**WORK TO COMPLETE:**
Using the records that follow, count the lines containing the word "project" and give that number only.

Dataset items

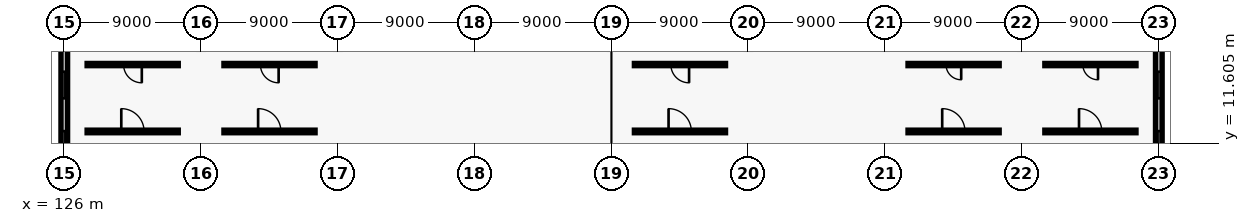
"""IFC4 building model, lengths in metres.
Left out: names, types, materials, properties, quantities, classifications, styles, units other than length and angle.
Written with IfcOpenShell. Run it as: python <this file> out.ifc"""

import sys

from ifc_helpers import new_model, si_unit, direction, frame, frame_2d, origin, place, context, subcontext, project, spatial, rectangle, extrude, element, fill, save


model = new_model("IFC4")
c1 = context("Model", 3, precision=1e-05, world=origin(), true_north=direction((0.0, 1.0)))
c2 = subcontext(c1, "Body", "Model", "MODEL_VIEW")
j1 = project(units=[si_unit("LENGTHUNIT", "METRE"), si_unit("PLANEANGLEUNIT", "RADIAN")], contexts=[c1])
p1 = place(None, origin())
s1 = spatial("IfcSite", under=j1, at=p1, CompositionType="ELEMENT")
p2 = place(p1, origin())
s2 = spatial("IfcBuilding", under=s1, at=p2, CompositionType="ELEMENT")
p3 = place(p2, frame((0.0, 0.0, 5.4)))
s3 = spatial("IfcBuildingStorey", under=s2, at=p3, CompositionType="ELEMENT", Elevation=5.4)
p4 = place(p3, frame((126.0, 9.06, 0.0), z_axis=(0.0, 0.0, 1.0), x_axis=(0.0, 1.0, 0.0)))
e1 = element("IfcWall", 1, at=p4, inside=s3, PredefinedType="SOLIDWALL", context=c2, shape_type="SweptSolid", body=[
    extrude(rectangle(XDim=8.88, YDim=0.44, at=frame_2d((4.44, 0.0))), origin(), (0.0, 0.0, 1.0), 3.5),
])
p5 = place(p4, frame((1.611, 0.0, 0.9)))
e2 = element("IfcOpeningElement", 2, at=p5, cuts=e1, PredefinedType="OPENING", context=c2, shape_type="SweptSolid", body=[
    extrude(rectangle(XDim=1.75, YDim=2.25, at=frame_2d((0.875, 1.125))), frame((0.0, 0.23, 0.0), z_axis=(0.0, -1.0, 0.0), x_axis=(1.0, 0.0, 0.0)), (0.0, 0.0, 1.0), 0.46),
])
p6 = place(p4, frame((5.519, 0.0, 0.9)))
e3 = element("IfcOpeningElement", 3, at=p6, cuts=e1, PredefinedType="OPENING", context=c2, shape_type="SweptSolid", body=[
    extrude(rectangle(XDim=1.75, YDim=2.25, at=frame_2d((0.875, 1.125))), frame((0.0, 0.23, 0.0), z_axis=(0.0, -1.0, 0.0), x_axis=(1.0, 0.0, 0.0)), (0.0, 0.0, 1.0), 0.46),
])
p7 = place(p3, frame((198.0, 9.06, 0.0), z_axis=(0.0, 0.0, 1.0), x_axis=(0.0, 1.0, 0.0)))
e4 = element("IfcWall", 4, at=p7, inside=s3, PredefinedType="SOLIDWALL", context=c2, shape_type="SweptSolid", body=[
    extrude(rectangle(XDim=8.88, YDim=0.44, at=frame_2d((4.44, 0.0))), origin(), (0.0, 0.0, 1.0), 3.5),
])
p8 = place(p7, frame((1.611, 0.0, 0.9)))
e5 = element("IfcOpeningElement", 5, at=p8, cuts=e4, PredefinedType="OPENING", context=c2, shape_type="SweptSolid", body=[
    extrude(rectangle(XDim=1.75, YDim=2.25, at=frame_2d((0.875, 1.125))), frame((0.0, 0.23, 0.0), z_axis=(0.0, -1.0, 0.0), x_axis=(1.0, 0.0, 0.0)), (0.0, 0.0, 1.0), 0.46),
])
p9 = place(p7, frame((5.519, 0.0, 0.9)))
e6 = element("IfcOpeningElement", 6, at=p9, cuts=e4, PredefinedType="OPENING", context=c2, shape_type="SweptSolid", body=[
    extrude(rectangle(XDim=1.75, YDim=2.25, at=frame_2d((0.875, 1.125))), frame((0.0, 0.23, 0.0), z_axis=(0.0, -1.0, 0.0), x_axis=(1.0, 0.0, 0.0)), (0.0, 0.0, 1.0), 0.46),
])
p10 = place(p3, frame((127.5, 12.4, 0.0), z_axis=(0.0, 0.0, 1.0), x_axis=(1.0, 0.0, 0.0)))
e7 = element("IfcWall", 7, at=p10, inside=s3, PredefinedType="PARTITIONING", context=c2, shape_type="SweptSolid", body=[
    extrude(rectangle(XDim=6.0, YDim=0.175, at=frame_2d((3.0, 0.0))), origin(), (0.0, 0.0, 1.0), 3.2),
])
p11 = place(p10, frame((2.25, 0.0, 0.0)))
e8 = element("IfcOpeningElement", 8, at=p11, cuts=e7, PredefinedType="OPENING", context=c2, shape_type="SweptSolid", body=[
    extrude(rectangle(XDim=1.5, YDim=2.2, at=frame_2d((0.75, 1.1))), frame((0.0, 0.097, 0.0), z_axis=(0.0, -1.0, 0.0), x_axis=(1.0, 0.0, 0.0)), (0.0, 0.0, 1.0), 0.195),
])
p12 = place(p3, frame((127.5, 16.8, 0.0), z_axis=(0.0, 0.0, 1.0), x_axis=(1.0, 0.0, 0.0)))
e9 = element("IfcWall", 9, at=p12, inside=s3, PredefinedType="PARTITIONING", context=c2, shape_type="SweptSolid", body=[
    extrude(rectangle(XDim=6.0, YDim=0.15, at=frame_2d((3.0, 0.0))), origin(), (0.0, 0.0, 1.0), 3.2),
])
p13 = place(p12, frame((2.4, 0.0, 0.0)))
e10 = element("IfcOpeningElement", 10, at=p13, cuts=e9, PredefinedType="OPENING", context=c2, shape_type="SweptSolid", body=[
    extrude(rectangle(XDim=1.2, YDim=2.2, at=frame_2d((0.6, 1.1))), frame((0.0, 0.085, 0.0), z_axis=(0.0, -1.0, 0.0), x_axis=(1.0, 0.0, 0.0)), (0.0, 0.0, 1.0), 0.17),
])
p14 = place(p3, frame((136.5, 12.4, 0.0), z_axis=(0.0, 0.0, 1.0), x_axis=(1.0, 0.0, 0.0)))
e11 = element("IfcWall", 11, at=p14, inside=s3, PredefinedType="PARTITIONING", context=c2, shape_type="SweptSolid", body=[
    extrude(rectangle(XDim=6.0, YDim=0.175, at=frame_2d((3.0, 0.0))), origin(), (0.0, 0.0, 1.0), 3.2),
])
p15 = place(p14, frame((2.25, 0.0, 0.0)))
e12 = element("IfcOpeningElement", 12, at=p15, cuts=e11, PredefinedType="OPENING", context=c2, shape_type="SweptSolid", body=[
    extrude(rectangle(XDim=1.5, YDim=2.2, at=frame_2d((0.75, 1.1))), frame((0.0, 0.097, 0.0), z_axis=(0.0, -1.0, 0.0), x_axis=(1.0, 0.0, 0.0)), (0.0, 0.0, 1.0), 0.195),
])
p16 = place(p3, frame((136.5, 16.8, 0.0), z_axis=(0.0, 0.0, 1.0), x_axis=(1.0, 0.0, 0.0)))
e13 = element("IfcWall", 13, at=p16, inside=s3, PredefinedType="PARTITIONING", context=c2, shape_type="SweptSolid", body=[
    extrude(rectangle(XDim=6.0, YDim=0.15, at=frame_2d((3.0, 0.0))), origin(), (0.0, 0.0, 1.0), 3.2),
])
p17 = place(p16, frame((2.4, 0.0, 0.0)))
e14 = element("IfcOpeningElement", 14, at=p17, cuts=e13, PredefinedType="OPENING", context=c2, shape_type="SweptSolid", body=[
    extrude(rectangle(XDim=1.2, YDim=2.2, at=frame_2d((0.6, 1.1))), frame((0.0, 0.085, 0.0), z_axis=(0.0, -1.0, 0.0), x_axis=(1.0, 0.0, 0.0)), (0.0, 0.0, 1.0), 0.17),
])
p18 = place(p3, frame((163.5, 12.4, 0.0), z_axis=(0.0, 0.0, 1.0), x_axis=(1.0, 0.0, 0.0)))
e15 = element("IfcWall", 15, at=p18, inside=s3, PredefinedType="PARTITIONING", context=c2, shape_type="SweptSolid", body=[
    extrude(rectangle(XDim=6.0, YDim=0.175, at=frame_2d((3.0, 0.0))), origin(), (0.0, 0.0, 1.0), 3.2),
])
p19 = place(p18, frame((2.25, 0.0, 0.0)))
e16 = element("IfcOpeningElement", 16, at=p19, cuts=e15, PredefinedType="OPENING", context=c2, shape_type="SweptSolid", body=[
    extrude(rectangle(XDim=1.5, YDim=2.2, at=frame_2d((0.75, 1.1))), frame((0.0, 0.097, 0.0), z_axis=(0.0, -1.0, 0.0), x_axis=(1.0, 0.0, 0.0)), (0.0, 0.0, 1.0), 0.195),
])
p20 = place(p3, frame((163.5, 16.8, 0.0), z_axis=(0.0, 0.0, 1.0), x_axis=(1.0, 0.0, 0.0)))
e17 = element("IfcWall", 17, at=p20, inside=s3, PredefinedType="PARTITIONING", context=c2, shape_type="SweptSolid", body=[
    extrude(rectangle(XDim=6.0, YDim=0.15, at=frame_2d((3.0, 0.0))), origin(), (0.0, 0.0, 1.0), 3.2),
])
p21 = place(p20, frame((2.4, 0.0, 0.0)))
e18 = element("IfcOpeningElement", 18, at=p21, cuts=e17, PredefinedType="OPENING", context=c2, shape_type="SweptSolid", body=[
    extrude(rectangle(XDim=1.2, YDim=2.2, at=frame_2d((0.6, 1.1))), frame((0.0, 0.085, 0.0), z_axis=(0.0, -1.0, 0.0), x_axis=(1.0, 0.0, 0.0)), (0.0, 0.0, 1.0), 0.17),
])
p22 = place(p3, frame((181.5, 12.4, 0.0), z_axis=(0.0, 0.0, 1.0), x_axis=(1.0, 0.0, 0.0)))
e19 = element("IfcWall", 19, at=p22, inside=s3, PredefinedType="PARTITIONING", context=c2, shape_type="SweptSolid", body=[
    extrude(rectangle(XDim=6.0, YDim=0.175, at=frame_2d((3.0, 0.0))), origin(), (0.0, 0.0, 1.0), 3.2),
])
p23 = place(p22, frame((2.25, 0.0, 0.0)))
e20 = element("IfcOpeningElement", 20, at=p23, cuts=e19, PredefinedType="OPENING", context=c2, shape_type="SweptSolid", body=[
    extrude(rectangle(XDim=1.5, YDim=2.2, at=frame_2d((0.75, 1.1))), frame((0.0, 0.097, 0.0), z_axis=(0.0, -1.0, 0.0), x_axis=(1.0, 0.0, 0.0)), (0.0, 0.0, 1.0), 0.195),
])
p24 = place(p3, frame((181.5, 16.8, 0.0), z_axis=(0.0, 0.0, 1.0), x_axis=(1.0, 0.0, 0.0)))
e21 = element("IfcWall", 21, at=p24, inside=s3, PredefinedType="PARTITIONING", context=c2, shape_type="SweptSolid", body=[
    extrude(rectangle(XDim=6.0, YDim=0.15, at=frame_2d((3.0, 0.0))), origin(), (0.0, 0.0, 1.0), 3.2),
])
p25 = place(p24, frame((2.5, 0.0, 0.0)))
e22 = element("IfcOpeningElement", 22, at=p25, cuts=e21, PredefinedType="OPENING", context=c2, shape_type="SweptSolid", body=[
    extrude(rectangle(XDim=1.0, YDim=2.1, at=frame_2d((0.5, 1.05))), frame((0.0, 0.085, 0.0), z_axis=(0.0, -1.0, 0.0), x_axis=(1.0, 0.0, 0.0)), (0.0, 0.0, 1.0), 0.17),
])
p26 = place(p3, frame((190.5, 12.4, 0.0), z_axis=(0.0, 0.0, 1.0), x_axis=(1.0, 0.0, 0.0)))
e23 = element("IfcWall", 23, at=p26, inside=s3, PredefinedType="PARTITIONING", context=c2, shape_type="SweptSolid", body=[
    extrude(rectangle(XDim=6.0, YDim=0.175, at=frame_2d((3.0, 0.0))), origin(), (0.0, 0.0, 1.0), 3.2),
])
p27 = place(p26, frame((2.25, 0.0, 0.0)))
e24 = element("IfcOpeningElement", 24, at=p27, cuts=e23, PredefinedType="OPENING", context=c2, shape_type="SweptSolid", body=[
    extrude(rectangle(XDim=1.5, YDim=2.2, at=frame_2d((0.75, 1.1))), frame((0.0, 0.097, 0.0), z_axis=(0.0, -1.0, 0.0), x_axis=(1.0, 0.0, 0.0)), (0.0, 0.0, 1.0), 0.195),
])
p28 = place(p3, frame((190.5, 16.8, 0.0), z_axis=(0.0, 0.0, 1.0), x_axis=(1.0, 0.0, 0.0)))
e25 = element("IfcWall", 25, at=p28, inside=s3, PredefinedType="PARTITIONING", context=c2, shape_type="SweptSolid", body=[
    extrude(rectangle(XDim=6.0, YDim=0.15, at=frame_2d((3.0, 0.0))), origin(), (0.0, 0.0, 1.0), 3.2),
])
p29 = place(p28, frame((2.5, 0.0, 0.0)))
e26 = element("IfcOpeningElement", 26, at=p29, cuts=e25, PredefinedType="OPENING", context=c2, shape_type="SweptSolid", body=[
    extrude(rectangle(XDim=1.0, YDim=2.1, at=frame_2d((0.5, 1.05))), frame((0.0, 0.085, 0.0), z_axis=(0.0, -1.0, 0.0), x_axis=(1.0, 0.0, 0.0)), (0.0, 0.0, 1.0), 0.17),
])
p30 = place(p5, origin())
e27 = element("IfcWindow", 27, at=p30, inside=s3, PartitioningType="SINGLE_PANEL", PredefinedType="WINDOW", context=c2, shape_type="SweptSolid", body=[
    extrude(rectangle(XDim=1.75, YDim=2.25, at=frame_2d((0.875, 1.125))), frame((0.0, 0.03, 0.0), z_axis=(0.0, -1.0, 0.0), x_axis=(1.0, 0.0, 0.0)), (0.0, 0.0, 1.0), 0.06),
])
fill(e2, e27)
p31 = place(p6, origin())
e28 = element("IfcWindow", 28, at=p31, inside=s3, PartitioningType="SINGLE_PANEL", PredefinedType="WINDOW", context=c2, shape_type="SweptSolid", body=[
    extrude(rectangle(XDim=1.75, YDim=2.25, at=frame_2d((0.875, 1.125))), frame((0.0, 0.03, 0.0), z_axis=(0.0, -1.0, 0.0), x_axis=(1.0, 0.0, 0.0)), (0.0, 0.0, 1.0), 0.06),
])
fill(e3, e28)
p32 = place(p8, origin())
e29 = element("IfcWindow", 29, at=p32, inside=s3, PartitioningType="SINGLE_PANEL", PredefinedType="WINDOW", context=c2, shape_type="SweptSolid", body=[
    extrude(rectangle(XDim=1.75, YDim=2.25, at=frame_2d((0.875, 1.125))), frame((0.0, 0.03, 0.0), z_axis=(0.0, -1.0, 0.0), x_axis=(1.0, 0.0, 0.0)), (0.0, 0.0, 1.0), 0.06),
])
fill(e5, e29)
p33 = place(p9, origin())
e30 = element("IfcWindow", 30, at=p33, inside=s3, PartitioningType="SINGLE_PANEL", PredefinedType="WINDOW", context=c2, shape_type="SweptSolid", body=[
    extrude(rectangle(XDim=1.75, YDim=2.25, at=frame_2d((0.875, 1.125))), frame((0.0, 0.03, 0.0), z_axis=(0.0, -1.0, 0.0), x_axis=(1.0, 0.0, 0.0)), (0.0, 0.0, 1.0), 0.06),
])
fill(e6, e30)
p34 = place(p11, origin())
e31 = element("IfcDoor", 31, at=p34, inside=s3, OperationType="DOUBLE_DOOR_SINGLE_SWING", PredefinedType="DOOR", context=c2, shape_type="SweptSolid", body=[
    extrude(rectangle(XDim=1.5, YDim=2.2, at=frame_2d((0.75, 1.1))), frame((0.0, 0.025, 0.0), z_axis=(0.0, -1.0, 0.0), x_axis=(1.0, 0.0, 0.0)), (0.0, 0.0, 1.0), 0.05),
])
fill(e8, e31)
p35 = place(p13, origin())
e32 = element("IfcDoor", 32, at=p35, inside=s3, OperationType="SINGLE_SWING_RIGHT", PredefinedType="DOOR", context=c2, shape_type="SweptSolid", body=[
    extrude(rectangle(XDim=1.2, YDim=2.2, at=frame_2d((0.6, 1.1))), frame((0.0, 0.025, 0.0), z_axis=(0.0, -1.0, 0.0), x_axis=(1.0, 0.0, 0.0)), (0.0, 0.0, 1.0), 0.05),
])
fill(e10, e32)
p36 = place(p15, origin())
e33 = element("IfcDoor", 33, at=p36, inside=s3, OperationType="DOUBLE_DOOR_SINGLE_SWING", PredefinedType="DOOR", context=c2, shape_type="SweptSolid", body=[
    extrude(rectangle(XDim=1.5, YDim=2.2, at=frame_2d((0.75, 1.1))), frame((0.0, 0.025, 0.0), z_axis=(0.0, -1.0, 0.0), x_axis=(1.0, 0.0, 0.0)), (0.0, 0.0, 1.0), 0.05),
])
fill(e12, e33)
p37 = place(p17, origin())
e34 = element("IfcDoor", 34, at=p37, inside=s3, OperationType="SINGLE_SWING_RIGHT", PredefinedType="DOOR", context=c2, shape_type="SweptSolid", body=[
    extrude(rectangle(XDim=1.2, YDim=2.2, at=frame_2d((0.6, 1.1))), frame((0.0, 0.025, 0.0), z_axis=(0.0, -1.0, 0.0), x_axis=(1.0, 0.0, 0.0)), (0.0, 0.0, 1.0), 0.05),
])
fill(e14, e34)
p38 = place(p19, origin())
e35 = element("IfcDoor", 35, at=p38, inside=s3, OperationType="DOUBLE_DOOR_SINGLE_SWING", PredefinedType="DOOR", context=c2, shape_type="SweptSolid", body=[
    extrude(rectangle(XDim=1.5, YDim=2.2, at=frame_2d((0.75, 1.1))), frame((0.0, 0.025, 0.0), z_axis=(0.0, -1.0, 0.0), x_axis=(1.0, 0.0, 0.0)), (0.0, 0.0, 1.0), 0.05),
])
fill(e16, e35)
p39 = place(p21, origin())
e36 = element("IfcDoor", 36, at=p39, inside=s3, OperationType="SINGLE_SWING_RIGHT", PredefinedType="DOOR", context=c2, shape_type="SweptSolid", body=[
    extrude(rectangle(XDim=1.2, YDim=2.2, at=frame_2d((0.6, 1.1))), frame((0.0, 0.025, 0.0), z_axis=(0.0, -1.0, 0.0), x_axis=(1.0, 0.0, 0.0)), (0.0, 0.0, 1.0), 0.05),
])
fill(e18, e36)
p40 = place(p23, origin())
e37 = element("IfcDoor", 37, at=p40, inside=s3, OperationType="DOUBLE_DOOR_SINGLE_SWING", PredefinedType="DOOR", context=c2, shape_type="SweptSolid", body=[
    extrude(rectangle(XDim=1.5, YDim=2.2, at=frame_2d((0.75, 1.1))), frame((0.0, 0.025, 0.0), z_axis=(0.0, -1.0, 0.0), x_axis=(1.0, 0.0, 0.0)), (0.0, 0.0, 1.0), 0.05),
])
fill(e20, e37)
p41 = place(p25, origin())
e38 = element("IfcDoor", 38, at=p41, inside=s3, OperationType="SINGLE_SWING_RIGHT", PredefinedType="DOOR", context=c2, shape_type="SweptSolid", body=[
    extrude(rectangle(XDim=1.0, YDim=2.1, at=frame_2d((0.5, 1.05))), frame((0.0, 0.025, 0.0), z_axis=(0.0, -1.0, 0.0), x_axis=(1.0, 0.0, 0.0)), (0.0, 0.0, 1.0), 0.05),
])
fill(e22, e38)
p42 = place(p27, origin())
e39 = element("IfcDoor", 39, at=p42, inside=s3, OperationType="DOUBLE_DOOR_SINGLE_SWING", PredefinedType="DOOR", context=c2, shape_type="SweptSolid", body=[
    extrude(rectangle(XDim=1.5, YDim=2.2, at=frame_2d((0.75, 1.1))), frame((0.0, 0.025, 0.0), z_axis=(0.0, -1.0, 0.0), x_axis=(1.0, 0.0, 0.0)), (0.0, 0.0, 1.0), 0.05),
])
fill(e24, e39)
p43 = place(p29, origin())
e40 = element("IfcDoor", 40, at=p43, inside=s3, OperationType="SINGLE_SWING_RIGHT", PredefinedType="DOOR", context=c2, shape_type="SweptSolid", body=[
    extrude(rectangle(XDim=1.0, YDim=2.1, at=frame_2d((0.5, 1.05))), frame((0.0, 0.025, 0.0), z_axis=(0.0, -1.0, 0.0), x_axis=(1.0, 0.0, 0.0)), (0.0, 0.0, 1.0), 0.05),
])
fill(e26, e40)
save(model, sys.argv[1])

**EXERCISE RESPONSE:**
2